**EXTRACTED DATA**
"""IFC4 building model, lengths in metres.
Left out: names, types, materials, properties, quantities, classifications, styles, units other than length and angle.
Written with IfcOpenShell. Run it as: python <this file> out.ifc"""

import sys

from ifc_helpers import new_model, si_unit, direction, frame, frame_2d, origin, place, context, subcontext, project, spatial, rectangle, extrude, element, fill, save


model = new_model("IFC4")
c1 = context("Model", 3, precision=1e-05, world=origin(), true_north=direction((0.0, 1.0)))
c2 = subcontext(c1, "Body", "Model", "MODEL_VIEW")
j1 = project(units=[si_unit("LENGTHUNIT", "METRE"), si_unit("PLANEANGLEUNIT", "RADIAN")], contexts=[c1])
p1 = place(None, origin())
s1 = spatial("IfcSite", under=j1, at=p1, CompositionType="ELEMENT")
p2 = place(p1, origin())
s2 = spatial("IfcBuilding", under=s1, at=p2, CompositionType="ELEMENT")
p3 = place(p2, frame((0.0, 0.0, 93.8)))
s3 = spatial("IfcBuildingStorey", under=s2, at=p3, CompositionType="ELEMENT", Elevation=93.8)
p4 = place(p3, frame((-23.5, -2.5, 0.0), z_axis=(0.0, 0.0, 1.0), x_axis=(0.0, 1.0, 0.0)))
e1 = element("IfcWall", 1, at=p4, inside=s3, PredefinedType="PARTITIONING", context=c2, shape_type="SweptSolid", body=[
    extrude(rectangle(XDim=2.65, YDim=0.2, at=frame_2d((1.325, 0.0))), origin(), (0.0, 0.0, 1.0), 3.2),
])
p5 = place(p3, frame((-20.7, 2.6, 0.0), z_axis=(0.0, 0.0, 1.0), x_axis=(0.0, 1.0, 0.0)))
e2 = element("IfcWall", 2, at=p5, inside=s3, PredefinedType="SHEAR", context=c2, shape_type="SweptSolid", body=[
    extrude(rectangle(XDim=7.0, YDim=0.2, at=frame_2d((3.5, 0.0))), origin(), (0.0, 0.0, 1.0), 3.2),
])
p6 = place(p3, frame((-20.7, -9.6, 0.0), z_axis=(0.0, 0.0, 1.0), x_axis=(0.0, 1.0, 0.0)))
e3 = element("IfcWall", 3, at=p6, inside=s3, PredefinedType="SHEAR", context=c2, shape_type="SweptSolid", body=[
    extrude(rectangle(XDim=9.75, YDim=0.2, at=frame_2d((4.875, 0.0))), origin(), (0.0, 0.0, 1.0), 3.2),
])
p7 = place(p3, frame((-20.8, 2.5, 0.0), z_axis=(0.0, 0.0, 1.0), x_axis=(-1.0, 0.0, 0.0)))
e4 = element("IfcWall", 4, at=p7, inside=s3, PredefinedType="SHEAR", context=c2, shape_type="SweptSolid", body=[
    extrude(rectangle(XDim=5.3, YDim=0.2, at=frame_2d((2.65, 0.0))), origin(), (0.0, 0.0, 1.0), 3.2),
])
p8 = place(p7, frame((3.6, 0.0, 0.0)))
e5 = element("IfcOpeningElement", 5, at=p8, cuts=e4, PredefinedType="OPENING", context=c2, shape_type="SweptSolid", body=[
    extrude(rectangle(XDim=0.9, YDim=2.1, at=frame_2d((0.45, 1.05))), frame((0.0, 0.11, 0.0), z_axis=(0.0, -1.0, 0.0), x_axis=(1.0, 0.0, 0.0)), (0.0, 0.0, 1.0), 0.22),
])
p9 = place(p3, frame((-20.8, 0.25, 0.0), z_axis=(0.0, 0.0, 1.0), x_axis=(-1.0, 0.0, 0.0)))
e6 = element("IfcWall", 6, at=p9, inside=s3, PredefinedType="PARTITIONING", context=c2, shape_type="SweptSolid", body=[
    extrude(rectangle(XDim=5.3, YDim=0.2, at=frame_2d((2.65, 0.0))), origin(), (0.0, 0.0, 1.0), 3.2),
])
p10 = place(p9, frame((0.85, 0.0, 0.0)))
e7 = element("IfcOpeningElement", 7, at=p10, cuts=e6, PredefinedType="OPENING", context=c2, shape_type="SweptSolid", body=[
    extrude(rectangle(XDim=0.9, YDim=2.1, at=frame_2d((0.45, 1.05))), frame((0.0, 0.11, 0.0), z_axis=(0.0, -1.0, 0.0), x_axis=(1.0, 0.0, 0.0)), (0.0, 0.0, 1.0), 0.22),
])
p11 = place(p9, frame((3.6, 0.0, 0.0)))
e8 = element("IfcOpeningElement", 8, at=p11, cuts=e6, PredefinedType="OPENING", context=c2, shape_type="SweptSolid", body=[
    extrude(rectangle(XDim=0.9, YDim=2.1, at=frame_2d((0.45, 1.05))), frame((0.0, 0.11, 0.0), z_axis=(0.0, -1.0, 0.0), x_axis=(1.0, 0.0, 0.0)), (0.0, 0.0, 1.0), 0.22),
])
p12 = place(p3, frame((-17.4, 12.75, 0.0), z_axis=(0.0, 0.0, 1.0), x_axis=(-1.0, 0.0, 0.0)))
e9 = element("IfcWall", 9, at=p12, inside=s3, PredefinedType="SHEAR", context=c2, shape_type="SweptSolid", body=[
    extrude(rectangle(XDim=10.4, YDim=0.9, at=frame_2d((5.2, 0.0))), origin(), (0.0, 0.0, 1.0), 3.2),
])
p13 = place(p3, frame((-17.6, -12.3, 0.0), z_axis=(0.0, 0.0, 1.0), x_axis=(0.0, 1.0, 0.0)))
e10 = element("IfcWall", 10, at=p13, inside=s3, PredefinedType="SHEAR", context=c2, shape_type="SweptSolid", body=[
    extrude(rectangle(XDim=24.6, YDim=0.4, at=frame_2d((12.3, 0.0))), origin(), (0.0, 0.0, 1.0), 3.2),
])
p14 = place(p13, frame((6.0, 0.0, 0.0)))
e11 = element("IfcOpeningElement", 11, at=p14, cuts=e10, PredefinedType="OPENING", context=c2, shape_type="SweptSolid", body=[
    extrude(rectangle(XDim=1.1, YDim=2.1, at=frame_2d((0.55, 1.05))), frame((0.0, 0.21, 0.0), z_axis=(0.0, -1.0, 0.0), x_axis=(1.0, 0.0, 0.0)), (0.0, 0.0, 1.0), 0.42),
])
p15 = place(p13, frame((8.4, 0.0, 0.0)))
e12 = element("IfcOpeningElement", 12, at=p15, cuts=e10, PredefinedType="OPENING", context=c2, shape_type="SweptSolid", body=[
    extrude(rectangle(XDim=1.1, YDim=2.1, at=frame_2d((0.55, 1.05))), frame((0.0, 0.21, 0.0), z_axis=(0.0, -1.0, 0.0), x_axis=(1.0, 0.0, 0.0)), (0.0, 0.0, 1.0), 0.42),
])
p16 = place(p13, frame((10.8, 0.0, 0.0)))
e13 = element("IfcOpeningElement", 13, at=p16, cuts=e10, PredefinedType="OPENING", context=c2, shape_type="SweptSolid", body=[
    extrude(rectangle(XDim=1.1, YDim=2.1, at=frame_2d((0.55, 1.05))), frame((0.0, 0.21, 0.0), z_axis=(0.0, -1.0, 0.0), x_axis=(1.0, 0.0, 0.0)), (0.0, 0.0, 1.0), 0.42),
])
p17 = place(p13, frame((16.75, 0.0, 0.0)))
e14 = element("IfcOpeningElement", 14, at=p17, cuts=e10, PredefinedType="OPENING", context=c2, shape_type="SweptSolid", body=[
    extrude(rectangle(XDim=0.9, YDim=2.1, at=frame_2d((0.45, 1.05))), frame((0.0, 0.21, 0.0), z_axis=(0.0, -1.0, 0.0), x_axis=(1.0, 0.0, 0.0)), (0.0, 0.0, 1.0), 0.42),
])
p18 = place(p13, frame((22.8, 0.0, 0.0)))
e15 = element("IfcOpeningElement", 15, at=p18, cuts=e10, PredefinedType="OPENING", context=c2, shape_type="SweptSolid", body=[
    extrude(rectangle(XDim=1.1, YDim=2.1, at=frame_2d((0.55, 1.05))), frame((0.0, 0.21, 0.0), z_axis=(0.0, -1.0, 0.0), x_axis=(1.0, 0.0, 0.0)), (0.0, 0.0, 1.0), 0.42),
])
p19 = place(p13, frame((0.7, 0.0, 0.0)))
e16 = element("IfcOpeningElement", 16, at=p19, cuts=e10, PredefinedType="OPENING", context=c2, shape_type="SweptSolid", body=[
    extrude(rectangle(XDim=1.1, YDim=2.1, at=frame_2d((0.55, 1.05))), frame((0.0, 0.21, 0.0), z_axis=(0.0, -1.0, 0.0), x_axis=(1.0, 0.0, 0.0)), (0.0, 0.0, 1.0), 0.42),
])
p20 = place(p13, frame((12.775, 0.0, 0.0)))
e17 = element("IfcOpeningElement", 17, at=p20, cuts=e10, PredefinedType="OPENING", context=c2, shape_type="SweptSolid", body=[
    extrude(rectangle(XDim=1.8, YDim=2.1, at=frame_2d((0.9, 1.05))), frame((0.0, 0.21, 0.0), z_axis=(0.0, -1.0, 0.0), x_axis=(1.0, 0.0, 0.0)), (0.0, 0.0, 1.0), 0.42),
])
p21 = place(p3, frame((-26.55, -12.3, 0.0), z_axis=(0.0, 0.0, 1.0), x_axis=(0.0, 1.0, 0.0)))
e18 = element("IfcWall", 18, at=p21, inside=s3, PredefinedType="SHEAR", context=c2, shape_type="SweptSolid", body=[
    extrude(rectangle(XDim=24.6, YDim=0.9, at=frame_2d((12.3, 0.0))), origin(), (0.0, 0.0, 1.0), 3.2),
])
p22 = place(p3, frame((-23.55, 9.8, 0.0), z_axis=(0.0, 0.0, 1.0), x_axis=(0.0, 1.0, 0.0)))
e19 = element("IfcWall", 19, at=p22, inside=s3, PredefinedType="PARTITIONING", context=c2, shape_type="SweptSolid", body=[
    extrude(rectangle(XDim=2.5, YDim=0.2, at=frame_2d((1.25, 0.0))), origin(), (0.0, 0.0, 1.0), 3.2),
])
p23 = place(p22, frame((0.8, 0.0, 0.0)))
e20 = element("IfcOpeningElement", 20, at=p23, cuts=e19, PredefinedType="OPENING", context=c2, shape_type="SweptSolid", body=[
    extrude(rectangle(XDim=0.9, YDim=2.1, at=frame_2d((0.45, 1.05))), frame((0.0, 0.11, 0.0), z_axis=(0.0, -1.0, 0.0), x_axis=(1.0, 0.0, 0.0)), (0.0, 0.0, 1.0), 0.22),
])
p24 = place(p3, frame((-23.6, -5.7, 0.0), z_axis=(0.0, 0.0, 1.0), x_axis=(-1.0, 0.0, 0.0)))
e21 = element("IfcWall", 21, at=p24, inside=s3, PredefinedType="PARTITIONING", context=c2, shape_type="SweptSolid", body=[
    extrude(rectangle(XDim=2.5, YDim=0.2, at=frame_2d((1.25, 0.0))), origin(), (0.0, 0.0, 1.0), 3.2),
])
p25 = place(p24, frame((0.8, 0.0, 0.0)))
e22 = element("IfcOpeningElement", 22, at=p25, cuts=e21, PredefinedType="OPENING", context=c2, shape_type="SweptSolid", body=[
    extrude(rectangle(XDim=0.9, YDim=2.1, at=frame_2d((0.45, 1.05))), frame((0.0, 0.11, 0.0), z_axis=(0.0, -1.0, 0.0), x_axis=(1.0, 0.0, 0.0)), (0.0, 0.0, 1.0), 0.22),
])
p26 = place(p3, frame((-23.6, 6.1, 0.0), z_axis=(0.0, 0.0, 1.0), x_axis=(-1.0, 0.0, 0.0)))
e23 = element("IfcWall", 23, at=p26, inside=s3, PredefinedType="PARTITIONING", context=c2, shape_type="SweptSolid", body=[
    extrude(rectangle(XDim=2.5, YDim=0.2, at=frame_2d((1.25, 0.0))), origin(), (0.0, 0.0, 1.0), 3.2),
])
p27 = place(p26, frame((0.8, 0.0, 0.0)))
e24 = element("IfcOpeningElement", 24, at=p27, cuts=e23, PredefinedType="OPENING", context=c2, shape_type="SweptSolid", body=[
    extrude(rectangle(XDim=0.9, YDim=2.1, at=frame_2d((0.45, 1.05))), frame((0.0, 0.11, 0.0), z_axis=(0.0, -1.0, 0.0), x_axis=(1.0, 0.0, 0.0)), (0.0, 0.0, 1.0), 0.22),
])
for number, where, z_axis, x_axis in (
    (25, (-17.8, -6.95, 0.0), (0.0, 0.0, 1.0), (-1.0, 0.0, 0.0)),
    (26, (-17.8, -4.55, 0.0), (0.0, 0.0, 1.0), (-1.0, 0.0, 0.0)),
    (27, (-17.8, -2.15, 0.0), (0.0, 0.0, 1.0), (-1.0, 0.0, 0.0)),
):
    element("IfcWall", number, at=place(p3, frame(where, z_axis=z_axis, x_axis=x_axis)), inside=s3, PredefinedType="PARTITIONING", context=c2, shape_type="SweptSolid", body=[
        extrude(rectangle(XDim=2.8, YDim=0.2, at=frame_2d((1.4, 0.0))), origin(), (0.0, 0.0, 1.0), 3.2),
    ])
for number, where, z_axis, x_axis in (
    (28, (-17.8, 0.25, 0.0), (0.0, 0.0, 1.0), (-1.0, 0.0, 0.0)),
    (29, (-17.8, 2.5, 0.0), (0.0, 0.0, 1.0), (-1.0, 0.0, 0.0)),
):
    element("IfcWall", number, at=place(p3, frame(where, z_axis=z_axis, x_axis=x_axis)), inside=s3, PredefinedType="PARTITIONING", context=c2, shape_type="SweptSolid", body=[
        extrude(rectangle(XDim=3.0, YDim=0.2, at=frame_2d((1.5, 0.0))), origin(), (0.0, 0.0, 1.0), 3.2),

**WORK INSTRUCTIONS**
What lines in the records contain the word "import"? Return each one.

**RESPONSE AREA**
import sys
from ifc_helpers import new_model, si_unit, direction, frame, frame_2d, origin, place, context, subcontext, project, spatial, rectangle, extrude, element, fill, save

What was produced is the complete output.